Brief -
Exactly retype the opening line of the entries and every line after it, ending with the line that contains "#4=SURFACE_STYLE_FILL_AREA(#3);". Skip all pictures.

(Records contained in a dataset)
┌────────

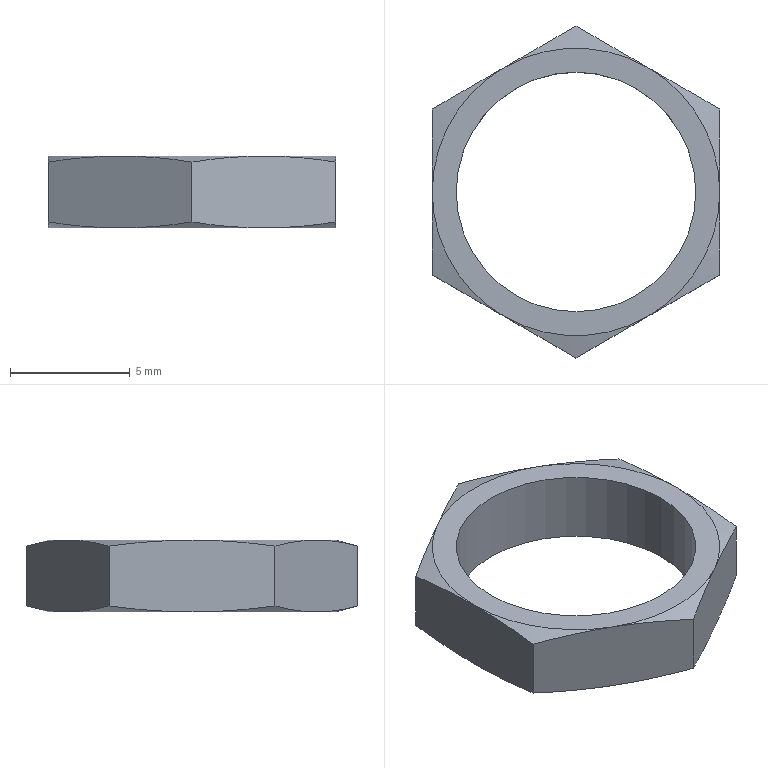Component | SolidWorks | gbgbCJPB6-5-B(0)F8-1_gbgbSNPS-006_CJPF8-2 | 1 solid | 22 faces | box 12 x 13.86 x 3 mm | volume 137 mm3 | cone 12 | plane 8 | cylinder 2 | commonest cylinder face diameters 10 x2
STEP:
#1=COLOUR_RGB('',0.7922,0.8196,0.9333);
#2=FILL_AREA_STYLE_COLOUR('',#1);
#3=FILL_AREA_STYLE('',(#2));
#4=SURFACE_STYLE_FILL_AREA(#3);
#5=SURFACE_SIDE_STYLE('',(#4));
#6=SURFACE_STYLE_USAGE(.BOTH.,#5);
#7=PRESENTATION_STYLE_ASSIGNMENT((#6));
#8=CARTESIAN_POINT('',(2.212,14.172,15.836));
#9=VERTEX_POINT('',#8);
#10=CARTESIAN_POINT('',(2.606,14.172,15.836));
#11=VERTEX_POINT('',#10);
#12=CARTESIAN_POINT('',(2.409,14.172,15.836));
#13=DIRECTION('',(0.,0.,1.));
#14=DIRECTION('',(-1.,0.,0.));
#15=AXIS2_PLACEMENT_3D('',#12,#13,#14);
#16=CIRCLE('',#15,0.1969);
#17=EDGE_CURVE('',#9,#11,#16,.T.);
#18=ORIENTED_EDGE('',*,*,#17,.F.);
#19=CARTESIAN_POINT('',(2.212,14.172,15.954));
#20=VERTEX_POINT('',#19);
#21=CARTESIAN_POINT('',(2.212,14.172,15.836));
#22=DIRECTION('',(0.,0.,1.));
#23=VECTOR('',#22,39.37);
#24=LINE('',#21,#23);
#25=EDGE_CURVE('',#9,#20,#24,.T.);
#26=ORIENTED_EDGE('',*,*,#25,.T.);
#27=CARTESIAN_POINT('',(2.606,14.172,15.954));
#28=VERTEX_POINT('',#27);
#29=CARTESIAN_POINT('',(2.409,14.172,15.954));
#30=DIRECTION('',(0.,0.,1.));
#31=DIRECTION('',(1.,0.,0.));
#32=AXIS2_PLACEMENT_3D('',#29,#30,#31);
#33=CIRCLE('',#32,0.1969);
#34=EDGE_CURVE('',#20,#28,#33,.T.);
#35=ORIENTED_EDGE('',*,*,#34,.T.);
#36=CARTESIAN_POINT('',(2.606,14.172,15.836));
#37=DIRECTION('',(0.,0.,1.));
#38=VECTOR('',#37,39.37);
#39=LINE('',#36,#38);
#40=EDGE_CURVE('',#11,#28,#39,.T.);
#41=ORIENTED_EDGE('',*,*,#40,.F.);
#42=EDGE_LOOP('',(#18,#26,#35,#41));
#43=FACE_OUTER_BOUND('',#42,.T.);
#44=CARTESIAN_POINT('',(2.409,14.172,15.836));
#45=DIRECTION('',(0.,0.,1.));
#46=DIRECTION('',(1.,0.,0.));
#47=AXIS2_PLACEMENT_3D('',#44,#45,#46);
#48=CYLINDRICAL_SURFACE('',#47,0.1969);
#49=ADVANCED_FACE('',(#43),#48,.F.);
#50=CARTESIAN_POINT('',(2.291,14.377,15.836));
#51=VERTEX_POINT('',#50);
#52=CARTESIAN_POINT('',(2.409,14.445,15.846));
#53=VERTEX_POINT('',#52);
#54=CARTESIAN_POINT('',(2.291,14.377,15.836));
#55=CARTESIAN_POINT('',(2.331,14.399,15.836));
#56=CARTESIAN_POINT('',(2.37,14.422,15.84));
#57=CARTESIAN_POINT('',(2.409,14.445,15.846));
#58=B_SPLINE_CURVE_WITH_KNOTS('',3,(#54,#55,#56,#57),.UNSPECIFIED.,.F.,.F.,(4,4),(0.003464,0.006928),.UNSPECIFIED.);
#59=EDGE_CURVE('',#51,#53,#58,.T.);
#60=ORIENTED_EDGE('',*,*,#59,.T.);
#61=CARTESIAN_POINT('',(2.527,14.377,15.836));
#62=VERTEX_POINT('',#61);
#63=CARTESIAN_POINT('',(2.409,14.445,15.846));
#64=CARTESIAN_POINT('',(2.449,14.422,15.84));
#65=CARTESIAN_POINT('',(2.488,14.399,15.836));
#66=CARTESIAN_POINT('',(2.527,14.377,15.836));
#67=B_SPLINE_CURVE_WITH_KNOTS('',3,(#63,#64,#65,#66),.UNSPECIFIED.,.F.,.F.,(4,4),(0.00000023,0.003464),.UNSPECIFIED.);
#68=EDGE_CURVE('',#53,#62,#67,.T.);
#69=ORIENTED_EDGE('',*,*,#68,.T.);
#70=CARTESIAN_POINT('',(2.409,14.172,15.836));
#71=DIRECTION('',(0.,0.,1.));
#72=DIRECTION('',(1.,0.,0.));
#73=AXIS2_PLACEMENT_3D('',#70,#71,#72);
#74=CIRCLE('',#73,0.2362);
#75=EDGE_CURVE('',#62,#51,#74,.T.);
#76=ORIENTED_EDGE('',*,*,#75,.T.);
#77=EDGE_LOOP('',(#60,#69,#76));
#78=FACE_OUTER_BOUND('',#77,.T.);
#79=CARTESIAN_POINT('',(2.409,14.172,15.836));
#80=DIRECTION('',(0.,0.,1.));
#81=DIRECTION('',(1.,0.,0.));
#82=AXIS2_PLACEMENT_3D('',#79,#80,#81);
#83=CONICAL_SURFACE('',#82,0.2362,1.309);
#84=ADVANCED_FACE('',(#78),#83,.T.);
#85=CARTESIAN_POINT('',(2.645,14.172,15.836));
#86=VERTEX_POINT('',#85);
#87=CARTESIAN_POINT('',(2.409,14.172,15.836));
#88=DIRECTION('',(0.,0.,1.));
#89=DIRECTION('',(1.,0.,0.));
#90=AXIS2_PLACEMENT_3D('',#87,#88,#89);
#91=CIRCLE('',#90,0.2362);
#92=EDGE_CURVE('',#86,#62,#91,.T.);
#93=ORIENTED_EDGE('',*,*,#92,.T.);
#94=CARTESIAN_POINT('',(2.645,14.308,15.846));
#95=VERTEX_POINT('',#94);
#96=CARTESIAN_POINT('',(2.527,14.377,15.836));
#97=CARTESIAN_POINT('',(2.567,14.354,15.836));
#98=CARTESIAN_POINT('',(2.606,14.331,15.84));
#99=CARTESIAN_POINT('',(2.645,14.308,15.846));
#100=B_SPLINE_CURVE_WITH_KNOTS('',3,(#96,#97,#98,#99),.UNSPECIFIED.,.F.,.F.,(4,4),(0.003464,0.006928),.UNSPECIFIED.);
#101=EDGE_CURVE('',#62,#95,#100,.T.);
#102=ORIENTED_EDGE('',*,*,#101,.T.);
#103=CARTESIAN_POINT('',(2.645,14.308,15.846));
#104=CARTESIAN_POINT('',(2.645,14.263,15.84));
#105=CARTESIAN_POINT('',(2.645,14.218,15.836));
#106=CARTESIAN_POINT('',(2.645,14.172,15.836));
#107=B_SPLINE_CURVE_WITH_KNOTS('',3,(#103,#104,#105,#106),.UNSPECIFIED.,.F.,.F.,(4,4),(0.01347,0.01695),.UNSPECIFIED.);
#108=EDGE_CURVE('',#95,#86,#107,.T.);
#109=ORIENTED_EDGE('',*,*,#108,.T.);
#110=EDGE_LOOP('',(#93,#102,#109));
#111=FACE_OUTER_BOUND('',#110,.T.);
#112=CARTESIAN_POINT('',(2.409,14.172,15.836));
#113=DIRECTION('',(0.,0.,1.));
#114=DIRECTION('',(1.,0.,0.));
#115=AXIS2_PLACEMENT_3D('',#112,#113,#114);
#116=CONICAL_SURFACE('',#115,0.2362,1.309);
#117=ADVANCED_FACE('',(#111),#116,.T.);
#118=CARTESIAN_POINT('',(2.527,13.967,15.836));
#119=VERTEX_POINT('',#118);
#120=CARTESIAN_POINT('',(2.409,14.172,15.836));
#121=DIRECTION('',(0.,0.,1.));
#122=DIRECTION('',(1.,0.,0.));
#123=AXIS2_PLACEMENT_3D('',#120,#121,#122);
#124=CIRCLE('',#123,0.2362);
#125=EDGE_CURVE('',#119,#86,#124,.T.);
#126=ORIENTED_EDGE('',*,*,#125,.T.);
#127=CARTESIAN_POINT('',(2.645,14.036,15.846));
#128=VERTEX_POINT('',#127);
#129=CARTESIAN_POINT('',(2.645,14.172,15.836));
#130=CARTESIAN_POINT('',(2.645,14.149,15.836));
#131=CARTESIAN_POINT('',(2.645,14.127,15.837));
#132=CARTESIAN_POINT('',(2.645,14.081,15.84));
#133=CARTESIAN_POINT('',(2.645,14.058,15.843));
#134=CARTESIAN_POINT('',(2.645,14.036,15.846));
#135=B_SPLINE_CURVE_WITH_KNOTS('',3,(#129,#130,#131,#132,#133,#134),.UNSPECIFIED.,.F.,.F.,(4,2,4),(0.01695,0.01869,0.02043),.UNSPECIFIED.);
#136=EDGE_CURVE('',#86,#128,#135,.T.);
#137=ORIENTED_EDGE('',*,*,#136,.T.);
#138=CARTESIAN_POINT('',(2.645,14.036,15.846));
#139=CARTESIAN_POINT('',(2.606,14.013,15.84));
#140=CARTESIAN_POINT('',(2.567,13.99,15.836));
#141=CARTESIAN_POINT('',(2.527,13.967,15.836));
#142=B_SPLINE_CURVE_WITH_KNOTS('',3,(#138,#139,#140,#141),.UNSPECIFIED.,.F.,.F.,(4,4),(0.00000023,0.003464),.UNSPECIFIED.);
#143=EDGE_CURVE('',#128,#119,#142,.T.);
#144=ORIENTED_EDGE('',*,*,#143,.T.);
#145=EDGE_LOOP('',(#126,#137,#144));
#146=FACE_OUTER_BOUND('',#145,.T.);
#147=CARTESIAN_POINT('',(2.409,14.172,15.836));
#148=DIRECTION('',(0.,0.,1.));
#149=DIRECTION('',(1.,0.,0.));
#150=AXIS2_PLACEMENT_3D('',#147,#148,#149);
#151=CONICAL_SURFACE('',#150,0.2362,1.309);
#152=ADVANCED_FACE('',(#146),#151,.T.);
#153=CARTESIAN_POINT('',(2.291,13.967,15.836));
#154=VERTEX_POINT('',#153);
#155=CARTESIAN_POINT('',(2.409,14.172,15.836));
#156=DIRECTION('',(0.,0.,1.));
#157=DIRECTION('',(1.,0.,0.));
#158=AXIS2_PLACEMENT_3D('',#155,#156,#157);
#159=CIRCLE('',#158,0.2362);
#160=EDGE_CURVE('',#154,#119,#159,.T.);
#161=ORIENTED_EDGE('',*,*,#160,.T.);
#162=CARTESIAN_POINT('',(2.409,13.899,15.846));
#163=VERTEX_POINT('',#162);
#164=CARTESIAN_POINT('',(2.527,13.967,15.836));
#165=CARTESIAN_POINT('',(2.488,13.945,15.836));
#166=CARTESIAN_POINT('',(2.449,13.922,15.84));
#167=CARTESIAN_POINT('',(2.409,13.899,15.846));
#168=B_SPLINE_CURVE_WITH_KNOTS('',3,(#164,#165,#166,#167),.UNSPECIFIED.,.F.,.F.,(4,4),(0.003464,0.006928),.UNSPECIFIED.);
#169=EDGE_CURVE('',#119,#163,#168,.T.);
#170=ORIENTED_EDGE('',*,*,#169,.T.);
#171=CARTESIAN_POINT('',(2.409,13.899,15.846));
#172=CARTESIAN_POINT('',(2.37,13.922,15.84));
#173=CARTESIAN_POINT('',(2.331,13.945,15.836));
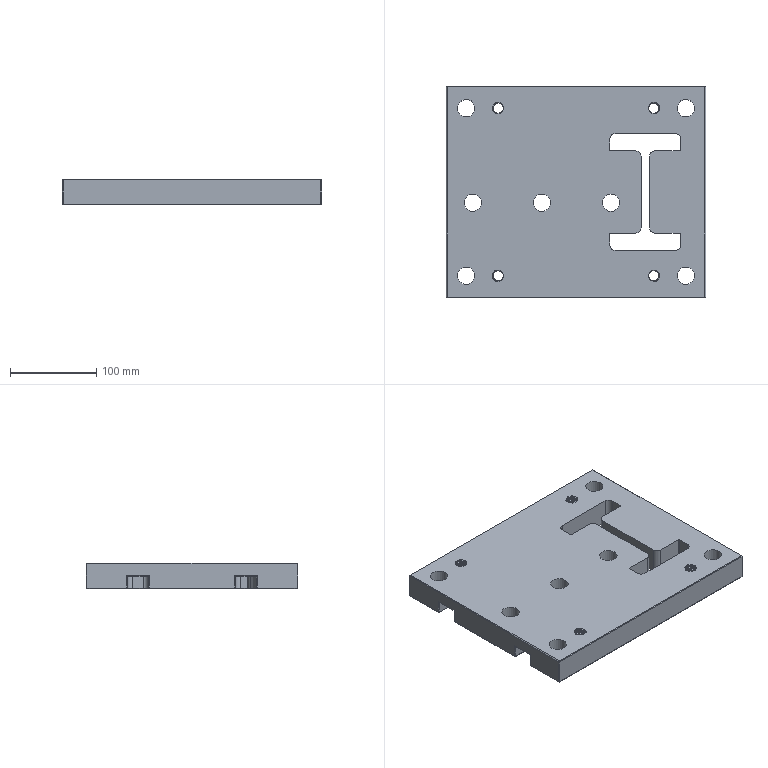Component | NX | STRIPPER | 1 solid | 115 faces | volume 1863542 mm3 | plane 66 | cylinder 34 | spline 8 | cone 7 | commonest cylinder face diameters 12 x8 20.015 x7 14 x4 12.015 x4 1.015 x4 11.985 x4 40 x2 20 x1

└────────

Written answer -
Component | SolidWorks | gbgbCJPB6-5-B(0)F8-1_gbgbSNPS-006_CJPF8-2 | 1 solid | 22 faces | box 12 x 13.86 x 3 mm | volume 137 mm3 | cone 12 | plane 8 | cylinder 2 | commonest cylinder face diameters 10 x2
STEP:
#1=COLOUR_RGB('',0.7922,0.8196,0.9333);
#2=FILL_AREA_STYLE_COLOUR('',#1);
#3=FILL_AREA_STYLE('',(#2));
#4=SURFACE_STYLE_FILL_AREA(#3);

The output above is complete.